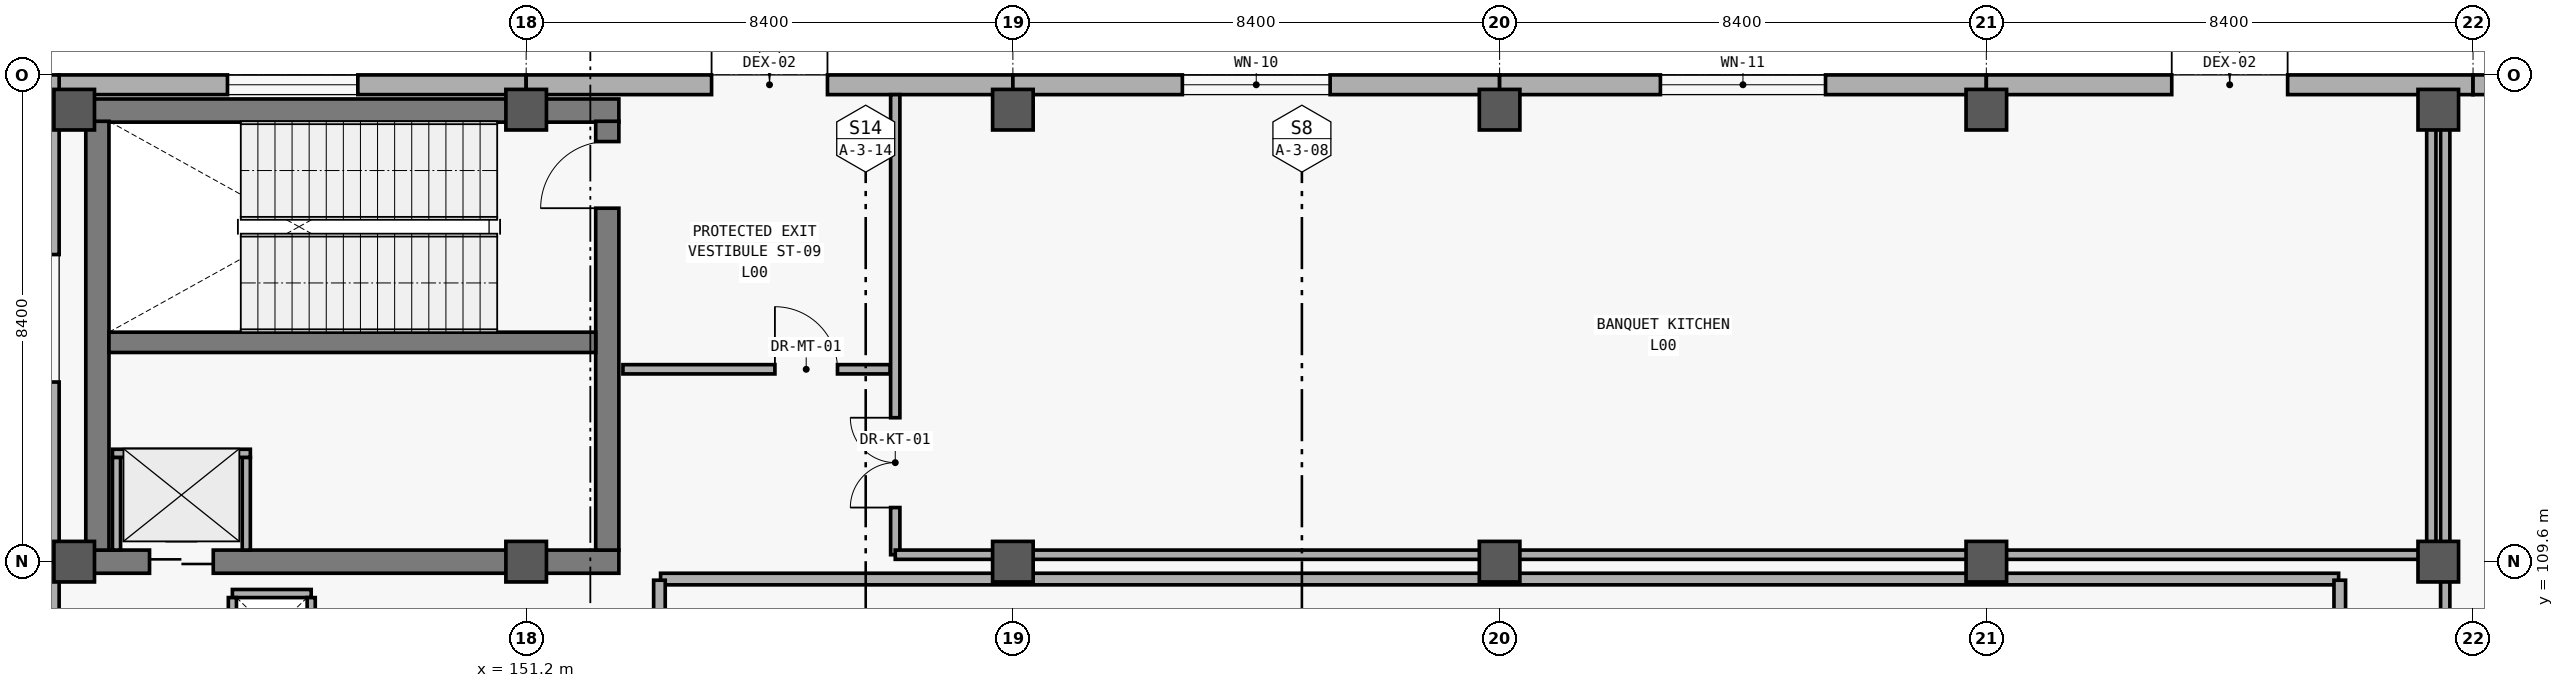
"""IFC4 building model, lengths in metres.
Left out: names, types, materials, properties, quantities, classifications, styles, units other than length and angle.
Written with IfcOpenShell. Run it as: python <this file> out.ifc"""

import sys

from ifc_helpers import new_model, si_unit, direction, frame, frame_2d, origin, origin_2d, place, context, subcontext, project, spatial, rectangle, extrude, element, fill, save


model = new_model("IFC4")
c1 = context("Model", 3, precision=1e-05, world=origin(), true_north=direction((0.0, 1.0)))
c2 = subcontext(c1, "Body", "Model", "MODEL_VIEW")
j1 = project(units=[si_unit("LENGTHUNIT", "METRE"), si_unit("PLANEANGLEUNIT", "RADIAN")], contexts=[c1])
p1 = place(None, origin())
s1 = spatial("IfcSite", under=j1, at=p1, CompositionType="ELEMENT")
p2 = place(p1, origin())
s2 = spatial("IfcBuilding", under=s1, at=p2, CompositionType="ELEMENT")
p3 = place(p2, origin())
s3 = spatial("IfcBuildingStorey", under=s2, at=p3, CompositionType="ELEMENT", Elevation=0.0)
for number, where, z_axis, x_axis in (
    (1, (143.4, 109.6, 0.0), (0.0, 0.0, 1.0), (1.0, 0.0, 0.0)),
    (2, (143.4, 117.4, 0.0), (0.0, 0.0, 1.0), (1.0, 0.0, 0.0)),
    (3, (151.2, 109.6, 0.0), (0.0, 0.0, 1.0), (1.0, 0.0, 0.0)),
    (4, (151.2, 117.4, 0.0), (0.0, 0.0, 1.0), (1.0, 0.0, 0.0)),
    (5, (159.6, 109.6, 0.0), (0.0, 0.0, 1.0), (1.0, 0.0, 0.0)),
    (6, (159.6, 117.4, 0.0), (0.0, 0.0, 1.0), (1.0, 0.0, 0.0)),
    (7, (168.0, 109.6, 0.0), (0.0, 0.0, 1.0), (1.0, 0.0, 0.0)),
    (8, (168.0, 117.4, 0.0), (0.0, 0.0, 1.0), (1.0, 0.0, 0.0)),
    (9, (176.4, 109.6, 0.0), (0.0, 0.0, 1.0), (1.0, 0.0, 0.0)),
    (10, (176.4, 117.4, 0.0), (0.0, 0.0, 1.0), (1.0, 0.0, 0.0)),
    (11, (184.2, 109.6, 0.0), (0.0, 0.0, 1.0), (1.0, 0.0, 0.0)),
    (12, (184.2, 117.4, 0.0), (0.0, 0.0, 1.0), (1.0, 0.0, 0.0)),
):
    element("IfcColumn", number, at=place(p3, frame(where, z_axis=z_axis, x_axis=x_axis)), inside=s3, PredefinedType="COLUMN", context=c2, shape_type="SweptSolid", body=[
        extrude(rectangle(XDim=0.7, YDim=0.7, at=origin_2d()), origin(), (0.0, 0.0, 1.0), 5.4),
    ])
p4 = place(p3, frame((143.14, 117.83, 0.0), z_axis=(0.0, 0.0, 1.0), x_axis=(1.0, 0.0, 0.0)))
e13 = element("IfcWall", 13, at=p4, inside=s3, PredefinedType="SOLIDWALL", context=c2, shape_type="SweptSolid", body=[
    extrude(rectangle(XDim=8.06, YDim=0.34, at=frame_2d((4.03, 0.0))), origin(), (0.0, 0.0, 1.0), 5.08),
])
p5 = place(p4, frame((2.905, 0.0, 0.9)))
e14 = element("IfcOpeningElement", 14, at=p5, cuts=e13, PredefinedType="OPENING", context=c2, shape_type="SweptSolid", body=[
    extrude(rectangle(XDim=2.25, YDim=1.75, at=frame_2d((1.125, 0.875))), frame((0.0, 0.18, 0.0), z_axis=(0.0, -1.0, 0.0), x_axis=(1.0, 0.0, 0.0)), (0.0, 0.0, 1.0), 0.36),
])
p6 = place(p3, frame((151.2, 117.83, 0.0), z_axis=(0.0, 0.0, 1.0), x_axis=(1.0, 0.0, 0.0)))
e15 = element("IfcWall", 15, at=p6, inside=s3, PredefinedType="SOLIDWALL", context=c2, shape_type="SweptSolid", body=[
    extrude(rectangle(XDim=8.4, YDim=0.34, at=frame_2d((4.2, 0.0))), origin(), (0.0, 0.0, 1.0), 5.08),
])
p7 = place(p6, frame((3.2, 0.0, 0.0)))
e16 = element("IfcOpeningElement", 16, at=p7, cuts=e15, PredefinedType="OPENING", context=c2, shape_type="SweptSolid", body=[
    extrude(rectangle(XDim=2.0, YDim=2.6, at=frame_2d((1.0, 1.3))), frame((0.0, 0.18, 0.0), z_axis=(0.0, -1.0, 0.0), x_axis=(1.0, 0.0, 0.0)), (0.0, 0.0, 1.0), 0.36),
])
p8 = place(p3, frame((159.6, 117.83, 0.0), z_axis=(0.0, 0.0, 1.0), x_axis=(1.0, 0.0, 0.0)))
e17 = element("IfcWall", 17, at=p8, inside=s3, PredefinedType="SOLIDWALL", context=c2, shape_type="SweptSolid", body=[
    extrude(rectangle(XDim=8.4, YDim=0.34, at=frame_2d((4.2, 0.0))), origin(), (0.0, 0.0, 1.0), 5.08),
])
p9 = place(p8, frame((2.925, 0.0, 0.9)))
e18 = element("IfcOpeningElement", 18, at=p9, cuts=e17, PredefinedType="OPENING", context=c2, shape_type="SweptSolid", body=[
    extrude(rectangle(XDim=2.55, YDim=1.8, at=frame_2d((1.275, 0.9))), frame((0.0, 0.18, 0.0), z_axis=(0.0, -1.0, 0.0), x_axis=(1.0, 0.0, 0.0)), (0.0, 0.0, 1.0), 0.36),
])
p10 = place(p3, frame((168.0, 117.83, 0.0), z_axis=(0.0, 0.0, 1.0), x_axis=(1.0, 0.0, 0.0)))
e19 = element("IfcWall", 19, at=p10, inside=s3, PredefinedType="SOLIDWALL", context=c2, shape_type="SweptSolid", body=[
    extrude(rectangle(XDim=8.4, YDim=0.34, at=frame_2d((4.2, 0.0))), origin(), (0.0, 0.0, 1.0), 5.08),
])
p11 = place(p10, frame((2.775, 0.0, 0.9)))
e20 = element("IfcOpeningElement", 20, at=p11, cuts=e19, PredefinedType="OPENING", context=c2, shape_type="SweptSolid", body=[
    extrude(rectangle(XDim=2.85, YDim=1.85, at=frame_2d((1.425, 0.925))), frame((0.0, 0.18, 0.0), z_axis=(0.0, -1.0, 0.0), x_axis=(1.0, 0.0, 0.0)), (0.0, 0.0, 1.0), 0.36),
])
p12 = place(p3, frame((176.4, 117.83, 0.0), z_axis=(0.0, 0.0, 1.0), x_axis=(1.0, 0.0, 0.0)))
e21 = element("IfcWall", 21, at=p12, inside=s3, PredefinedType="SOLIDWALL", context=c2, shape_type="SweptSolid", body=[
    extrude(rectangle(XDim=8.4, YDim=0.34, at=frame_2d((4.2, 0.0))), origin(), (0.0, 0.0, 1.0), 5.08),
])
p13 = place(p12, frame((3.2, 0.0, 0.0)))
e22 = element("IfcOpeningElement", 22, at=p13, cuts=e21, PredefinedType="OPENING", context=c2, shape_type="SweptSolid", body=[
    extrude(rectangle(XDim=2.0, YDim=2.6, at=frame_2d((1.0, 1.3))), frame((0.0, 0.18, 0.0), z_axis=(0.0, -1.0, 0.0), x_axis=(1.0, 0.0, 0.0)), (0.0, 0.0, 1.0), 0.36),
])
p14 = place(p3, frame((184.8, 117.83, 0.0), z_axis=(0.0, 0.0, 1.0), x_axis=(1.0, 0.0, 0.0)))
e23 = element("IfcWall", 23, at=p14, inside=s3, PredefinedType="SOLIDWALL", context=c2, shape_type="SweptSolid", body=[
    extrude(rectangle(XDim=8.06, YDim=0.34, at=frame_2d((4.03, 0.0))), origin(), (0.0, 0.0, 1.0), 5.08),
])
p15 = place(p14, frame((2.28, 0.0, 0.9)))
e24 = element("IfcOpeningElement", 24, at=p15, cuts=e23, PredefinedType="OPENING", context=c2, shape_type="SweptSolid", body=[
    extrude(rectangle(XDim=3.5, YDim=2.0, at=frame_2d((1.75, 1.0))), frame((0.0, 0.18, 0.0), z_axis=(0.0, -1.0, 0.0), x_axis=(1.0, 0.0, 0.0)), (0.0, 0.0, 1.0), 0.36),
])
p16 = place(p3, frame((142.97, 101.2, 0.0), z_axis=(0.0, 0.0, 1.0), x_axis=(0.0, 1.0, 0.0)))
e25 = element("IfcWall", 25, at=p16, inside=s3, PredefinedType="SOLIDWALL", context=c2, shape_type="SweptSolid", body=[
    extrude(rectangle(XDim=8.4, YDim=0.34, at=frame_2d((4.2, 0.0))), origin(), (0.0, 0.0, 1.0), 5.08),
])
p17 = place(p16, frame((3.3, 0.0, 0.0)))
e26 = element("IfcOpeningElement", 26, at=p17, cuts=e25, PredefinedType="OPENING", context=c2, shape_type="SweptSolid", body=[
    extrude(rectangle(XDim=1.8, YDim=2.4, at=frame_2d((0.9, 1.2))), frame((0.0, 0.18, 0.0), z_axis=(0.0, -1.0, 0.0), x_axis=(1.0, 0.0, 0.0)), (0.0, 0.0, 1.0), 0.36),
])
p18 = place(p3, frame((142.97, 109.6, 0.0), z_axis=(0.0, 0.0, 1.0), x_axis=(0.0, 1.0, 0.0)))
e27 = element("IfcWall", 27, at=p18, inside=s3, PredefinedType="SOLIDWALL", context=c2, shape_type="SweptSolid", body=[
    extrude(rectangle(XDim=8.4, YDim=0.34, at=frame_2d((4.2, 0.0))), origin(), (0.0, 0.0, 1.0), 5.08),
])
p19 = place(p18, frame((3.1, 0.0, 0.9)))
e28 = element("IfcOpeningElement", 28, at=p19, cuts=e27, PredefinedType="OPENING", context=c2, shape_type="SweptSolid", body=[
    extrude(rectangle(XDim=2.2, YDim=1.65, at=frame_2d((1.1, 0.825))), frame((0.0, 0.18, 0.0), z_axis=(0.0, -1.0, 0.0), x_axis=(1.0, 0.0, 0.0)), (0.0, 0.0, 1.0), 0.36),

____________

EXERCISE DIRECTIONS:
In the listing above, locate the line containing "p15 = place(p14, frame((2.28, 0.0, 0.9)))" and the line containing "101.2, 0.0), z_axis=(0.0, 0.0, 1.0), x_axis=(0.0, 1.0, 0.0)))". Transcribe those two lines and everything between them, exactly as written.

YOUR SOLUTION:
p15 = place(p14, frame((2.28, 0.0, 0.9)))
e24 = element("IfcOpeningElement", 24, at=p15, cuts=e23, PredefinedType="OPENING", context=c2, shape_type="SweptSolid", body=[
    extrude(rectangle(XDim=3.5, YDim=2.0, at=frame_2d((1.75, 1.0))), frame((0.0, 0.18, 0.0), z_axis=(0.0, -1.0, 0.0), x_axis=(1.0, 0.0, 0.0)), (0.0, 0.0, 1.0), 0.36),
])
p16 = place(p3, frame((142.97, 101.2, 0.0), z_axis=(0.0, 0.0, 1.0), x_axis=(0.0, 1.0, 0.0)))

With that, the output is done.